#### HOW TO COMPLETE THIS TASK:
Take the data below and copy exactly the lines starting at the one with "fill(e11, e32)" and finishing at the one with "p34 = place(p28, origin())", both included.

RECORDS SUPPLIED Block Start

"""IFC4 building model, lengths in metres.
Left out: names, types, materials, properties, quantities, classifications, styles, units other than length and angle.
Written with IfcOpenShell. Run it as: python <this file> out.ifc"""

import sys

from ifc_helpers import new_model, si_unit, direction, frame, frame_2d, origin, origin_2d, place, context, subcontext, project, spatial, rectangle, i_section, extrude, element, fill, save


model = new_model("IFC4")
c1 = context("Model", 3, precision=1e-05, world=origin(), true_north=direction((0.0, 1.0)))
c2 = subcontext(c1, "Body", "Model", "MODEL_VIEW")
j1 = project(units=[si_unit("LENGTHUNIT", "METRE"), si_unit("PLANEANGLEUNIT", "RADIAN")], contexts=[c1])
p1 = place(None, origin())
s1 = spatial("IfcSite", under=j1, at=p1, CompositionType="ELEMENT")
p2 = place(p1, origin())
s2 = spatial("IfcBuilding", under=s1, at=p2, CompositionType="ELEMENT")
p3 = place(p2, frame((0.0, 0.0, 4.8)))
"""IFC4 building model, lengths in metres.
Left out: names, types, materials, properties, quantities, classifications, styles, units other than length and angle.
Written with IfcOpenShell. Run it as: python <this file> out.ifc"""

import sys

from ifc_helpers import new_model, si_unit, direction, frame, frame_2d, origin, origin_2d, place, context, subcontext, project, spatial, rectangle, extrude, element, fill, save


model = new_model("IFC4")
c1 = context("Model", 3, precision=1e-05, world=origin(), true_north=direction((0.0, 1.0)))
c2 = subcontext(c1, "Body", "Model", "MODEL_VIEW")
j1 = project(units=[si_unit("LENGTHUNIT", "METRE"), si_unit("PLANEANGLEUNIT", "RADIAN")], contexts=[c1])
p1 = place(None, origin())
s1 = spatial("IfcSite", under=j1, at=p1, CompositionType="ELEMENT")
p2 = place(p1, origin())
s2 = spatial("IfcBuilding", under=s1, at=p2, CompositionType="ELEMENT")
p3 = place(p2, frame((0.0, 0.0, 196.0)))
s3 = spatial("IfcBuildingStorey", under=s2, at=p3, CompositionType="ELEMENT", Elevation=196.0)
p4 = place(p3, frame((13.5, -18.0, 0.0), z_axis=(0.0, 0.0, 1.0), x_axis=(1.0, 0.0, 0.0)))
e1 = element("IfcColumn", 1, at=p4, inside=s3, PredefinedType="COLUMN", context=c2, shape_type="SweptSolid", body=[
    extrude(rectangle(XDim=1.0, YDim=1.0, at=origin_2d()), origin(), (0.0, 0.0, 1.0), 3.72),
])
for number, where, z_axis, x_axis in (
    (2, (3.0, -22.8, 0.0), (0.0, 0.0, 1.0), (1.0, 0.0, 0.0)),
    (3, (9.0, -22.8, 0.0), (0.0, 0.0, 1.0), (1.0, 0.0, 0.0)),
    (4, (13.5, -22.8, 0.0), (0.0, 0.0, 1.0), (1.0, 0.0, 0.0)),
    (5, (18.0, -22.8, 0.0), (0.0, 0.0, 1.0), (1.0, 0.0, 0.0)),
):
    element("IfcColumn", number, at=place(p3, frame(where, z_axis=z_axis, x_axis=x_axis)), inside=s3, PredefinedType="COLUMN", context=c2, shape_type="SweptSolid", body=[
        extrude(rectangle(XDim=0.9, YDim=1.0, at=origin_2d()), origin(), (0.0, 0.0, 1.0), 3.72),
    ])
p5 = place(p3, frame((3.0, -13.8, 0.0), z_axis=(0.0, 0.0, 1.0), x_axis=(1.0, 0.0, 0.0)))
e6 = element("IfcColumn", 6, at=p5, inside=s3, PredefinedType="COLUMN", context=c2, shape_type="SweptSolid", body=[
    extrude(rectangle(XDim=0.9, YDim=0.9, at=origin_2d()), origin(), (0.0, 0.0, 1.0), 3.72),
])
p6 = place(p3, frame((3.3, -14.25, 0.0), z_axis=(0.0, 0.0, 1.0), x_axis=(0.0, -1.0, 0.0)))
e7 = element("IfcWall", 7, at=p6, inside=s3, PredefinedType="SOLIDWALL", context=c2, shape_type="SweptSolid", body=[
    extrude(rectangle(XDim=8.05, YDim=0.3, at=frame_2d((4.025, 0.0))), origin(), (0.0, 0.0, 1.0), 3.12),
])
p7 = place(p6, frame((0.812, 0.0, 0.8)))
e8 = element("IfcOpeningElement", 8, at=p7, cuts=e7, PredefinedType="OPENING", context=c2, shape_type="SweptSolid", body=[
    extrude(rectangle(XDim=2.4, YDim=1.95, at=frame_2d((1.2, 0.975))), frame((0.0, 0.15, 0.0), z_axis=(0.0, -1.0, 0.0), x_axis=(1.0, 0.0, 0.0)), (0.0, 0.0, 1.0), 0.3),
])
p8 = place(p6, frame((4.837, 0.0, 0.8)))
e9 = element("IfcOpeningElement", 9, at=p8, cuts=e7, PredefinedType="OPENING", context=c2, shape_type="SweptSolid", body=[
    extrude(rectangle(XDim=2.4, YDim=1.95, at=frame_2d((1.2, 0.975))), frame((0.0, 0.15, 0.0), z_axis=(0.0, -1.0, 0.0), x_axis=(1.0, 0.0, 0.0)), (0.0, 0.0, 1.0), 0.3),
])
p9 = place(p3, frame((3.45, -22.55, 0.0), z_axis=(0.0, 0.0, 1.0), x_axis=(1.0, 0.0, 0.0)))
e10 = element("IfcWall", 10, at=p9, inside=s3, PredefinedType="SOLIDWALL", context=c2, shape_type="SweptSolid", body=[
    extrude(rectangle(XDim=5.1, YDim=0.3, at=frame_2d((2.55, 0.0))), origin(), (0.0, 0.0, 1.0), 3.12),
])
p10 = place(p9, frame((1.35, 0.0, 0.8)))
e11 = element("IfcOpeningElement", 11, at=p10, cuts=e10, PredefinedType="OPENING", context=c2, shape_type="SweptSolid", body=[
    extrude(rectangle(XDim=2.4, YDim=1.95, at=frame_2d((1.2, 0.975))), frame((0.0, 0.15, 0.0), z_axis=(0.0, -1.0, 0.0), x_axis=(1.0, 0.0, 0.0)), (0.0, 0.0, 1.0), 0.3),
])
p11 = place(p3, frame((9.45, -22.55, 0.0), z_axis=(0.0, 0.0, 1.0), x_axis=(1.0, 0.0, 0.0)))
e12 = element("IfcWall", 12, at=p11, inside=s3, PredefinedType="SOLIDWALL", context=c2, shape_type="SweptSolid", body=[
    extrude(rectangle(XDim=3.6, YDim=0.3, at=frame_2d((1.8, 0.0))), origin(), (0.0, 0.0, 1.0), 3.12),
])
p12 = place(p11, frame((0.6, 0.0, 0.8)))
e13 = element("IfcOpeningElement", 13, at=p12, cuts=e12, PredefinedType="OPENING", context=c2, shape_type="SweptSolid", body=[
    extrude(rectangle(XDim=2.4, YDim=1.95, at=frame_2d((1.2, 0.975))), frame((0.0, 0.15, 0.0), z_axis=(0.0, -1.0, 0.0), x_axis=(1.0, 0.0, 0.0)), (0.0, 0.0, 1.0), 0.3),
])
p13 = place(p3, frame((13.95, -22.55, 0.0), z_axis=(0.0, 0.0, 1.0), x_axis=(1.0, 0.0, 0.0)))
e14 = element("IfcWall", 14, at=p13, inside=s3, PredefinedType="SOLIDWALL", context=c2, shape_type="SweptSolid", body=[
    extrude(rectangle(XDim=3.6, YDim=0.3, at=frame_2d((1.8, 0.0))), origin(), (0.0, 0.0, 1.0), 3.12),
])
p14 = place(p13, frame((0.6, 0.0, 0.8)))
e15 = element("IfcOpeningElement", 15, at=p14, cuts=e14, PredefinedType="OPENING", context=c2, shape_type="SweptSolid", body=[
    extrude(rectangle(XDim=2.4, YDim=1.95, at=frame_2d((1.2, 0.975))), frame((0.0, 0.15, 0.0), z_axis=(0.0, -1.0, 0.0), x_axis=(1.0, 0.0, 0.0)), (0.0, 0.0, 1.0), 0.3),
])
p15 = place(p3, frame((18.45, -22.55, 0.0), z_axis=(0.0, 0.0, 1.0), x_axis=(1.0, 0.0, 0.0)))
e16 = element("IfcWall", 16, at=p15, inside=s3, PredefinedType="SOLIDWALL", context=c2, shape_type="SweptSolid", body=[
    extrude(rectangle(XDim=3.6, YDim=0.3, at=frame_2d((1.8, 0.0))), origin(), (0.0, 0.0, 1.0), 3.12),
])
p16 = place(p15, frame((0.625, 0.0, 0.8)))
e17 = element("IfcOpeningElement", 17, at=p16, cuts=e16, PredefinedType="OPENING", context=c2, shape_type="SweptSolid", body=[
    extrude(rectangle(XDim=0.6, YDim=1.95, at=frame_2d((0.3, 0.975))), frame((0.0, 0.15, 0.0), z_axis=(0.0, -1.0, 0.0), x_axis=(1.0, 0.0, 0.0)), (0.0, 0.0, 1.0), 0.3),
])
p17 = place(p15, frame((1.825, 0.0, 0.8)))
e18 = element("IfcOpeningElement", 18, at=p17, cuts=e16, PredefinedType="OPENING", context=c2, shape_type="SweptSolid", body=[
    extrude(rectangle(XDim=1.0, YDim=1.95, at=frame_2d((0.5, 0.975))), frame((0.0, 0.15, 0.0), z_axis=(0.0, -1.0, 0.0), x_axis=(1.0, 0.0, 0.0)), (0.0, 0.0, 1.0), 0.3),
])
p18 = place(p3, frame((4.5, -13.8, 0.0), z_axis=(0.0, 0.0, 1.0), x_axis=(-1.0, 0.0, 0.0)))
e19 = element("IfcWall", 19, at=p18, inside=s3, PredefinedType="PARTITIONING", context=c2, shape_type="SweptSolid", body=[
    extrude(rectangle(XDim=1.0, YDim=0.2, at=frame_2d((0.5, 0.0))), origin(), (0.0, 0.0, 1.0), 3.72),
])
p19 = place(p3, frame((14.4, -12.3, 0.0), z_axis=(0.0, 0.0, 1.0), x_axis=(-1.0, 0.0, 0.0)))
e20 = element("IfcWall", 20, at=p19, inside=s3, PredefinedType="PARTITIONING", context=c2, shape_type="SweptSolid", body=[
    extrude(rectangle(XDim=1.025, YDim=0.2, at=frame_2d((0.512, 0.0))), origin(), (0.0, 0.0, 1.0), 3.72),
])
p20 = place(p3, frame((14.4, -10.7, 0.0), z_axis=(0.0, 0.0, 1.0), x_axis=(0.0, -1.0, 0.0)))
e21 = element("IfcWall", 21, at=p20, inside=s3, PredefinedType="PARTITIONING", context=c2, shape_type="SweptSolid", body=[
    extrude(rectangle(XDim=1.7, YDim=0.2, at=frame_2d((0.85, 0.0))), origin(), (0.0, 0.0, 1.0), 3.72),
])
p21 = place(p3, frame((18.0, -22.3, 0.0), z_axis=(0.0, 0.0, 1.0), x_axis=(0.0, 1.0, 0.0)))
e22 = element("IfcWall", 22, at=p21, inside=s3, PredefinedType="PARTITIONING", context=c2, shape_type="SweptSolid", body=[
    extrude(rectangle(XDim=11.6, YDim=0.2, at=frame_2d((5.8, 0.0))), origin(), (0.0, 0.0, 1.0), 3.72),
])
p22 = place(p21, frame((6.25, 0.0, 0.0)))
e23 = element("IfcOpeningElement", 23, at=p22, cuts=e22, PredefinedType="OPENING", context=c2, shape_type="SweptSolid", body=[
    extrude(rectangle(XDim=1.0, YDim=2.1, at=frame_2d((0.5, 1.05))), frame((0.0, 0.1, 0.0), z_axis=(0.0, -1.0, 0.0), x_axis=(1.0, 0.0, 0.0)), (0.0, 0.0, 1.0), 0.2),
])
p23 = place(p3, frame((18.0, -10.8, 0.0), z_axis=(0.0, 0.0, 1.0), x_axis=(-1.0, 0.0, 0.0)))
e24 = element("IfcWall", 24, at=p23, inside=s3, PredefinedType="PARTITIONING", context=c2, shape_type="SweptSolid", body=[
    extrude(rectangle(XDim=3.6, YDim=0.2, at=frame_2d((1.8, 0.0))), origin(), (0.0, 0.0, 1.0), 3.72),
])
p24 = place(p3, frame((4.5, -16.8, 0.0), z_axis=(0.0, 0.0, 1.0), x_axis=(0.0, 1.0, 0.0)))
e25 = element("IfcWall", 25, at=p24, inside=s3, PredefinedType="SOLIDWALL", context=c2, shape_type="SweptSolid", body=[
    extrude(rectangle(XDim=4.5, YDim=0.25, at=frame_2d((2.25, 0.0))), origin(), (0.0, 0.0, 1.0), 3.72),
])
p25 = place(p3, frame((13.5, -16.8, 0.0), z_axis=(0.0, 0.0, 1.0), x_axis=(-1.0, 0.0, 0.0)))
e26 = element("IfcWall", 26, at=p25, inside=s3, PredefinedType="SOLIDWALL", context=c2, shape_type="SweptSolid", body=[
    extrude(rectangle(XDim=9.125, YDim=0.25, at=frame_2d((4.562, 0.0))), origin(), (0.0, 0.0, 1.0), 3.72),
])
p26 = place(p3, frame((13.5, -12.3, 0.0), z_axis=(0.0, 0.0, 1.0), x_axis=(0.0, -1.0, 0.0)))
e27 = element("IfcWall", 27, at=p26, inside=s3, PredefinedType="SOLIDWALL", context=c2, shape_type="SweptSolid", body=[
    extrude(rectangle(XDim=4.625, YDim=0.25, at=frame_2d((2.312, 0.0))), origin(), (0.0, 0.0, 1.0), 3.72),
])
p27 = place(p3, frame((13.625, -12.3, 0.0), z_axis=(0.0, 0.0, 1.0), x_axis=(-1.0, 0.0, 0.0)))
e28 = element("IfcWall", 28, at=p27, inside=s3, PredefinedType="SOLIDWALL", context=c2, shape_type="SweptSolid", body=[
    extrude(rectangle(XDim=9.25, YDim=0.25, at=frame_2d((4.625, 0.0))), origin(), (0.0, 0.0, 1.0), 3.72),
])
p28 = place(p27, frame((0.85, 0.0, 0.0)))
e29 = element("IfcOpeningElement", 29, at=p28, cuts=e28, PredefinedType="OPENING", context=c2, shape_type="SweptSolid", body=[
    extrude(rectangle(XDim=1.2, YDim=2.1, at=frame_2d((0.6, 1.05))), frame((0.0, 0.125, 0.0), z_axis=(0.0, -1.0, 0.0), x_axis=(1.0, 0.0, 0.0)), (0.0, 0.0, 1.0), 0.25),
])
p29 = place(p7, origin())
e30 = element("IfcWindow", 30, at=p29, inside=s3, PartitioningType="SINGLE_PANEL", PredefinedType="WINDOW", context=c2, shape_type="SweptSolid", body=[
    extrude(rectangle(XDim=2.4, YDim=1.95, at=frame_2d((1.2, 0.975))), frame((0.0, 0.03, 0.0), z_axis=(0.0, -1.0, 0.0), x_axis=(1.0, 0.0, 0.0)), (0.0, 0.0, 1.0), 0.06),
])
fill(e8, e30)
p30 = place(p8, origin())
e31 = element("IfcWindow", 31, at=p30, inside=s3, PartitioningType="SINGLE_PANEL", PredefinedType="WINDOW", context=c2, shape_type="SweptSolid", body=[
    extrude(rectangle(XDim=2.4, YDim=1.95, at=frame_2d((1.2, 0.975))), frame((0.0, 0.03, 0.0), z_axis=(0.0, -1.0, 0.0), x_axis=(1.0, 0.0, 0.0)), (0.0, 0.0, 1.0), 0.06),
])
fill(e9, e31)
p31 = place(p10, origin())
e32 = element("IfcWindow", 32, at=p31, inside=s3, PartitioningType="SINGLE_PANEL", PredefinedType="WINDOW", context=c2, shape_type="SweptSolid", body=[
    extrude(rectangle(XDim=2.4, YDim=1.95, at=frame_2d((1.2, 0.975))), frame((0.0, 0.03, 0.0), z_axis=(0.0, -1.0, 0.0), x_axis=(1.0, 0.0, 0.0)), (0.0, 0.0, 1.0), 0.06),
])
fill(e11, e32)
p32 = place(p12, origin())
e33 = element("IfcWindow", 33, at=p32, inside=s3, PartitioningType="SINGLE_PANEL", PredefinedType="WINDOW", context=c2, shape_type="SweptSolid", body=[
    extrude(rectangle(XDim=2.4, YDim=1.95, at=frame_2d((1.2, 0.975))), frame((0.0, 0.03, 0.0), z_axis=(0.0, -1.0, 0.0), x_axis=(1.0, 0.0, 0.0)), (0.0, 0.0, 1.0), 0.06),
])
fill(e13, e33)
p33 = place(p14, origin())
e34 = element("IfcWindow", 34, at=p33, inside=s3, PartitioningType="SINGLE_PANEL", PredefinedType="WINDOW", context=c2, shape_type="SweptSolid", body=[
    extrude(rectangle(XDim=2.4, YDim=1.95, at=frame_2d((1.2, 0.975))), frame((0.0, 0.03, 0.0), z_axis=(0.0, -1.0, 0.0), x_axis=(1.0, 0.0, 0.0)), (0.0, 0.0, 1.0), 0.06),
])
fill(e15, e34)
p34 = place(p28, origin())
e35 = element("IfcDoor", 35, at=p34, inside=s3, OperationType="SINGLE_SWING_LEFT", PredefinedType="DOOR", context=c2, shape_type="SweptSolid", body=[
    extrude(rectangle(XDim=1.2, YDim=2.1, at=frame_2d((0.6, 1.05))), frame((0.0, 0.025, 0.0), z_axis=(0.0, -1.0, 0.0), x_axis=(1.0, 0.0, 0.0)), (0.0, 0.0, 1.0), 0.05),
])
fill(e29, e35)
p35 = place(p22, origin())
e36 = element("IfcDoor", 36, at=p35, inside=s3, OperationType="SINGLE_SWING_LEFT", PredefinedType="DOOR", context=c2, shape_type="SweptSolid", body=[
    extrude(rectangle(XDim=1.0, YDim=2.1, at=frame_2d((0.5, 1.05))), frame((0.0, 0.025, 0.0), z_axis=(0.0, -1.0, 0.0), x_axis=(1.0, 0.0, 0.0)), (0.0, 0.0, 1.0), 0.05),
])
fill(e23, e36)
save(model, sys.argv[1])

RECORDS SUPPLIED Block End

#### RESULT BELOW:
fill(e11, e32)
p32 = place(p12, origin())
e33 = element("IfcWindow", 33, at=p32, inside=s3, PartitioningType="SINGLE_PANEL", PredefinedType="WINDOW", context=c2, shape_type="SweptSolid", body=[
    extrude(rectangle(XDim=2.4, YDim=1.95, at=frame_2d((1.2, 0.975))), frame((0.0, 0.03, 0.0), z_axis=(0.0, -1.0, 0.0), x_axis=(1.0, 0.0, 0.0)), (0.0, 0.0, 1.0), 0.06),
])
fill(e13, e33)
p33 = place(p14, origin())
e34 = element("IfcWindow", 34, at=p33, inside=s3, PartitioningType="SINGLE_PANEL", PredefinedType="WINDOW", context=c2, shape_type="SweptSolid", body=[
    extrude(rectangle(XDim=2.4, YDim=1.95, at=frame_2d((1.2, 0.975))), frame((0.0, 0.03, 0.0), z_axis=(0.0, -1.0, 0.0), x_axis=(1.0, 0.0, 0.0)), (0.0, 0.0, 1.0), 0.06),
])
fill(e15, e34)
p34 = place(p28, origin())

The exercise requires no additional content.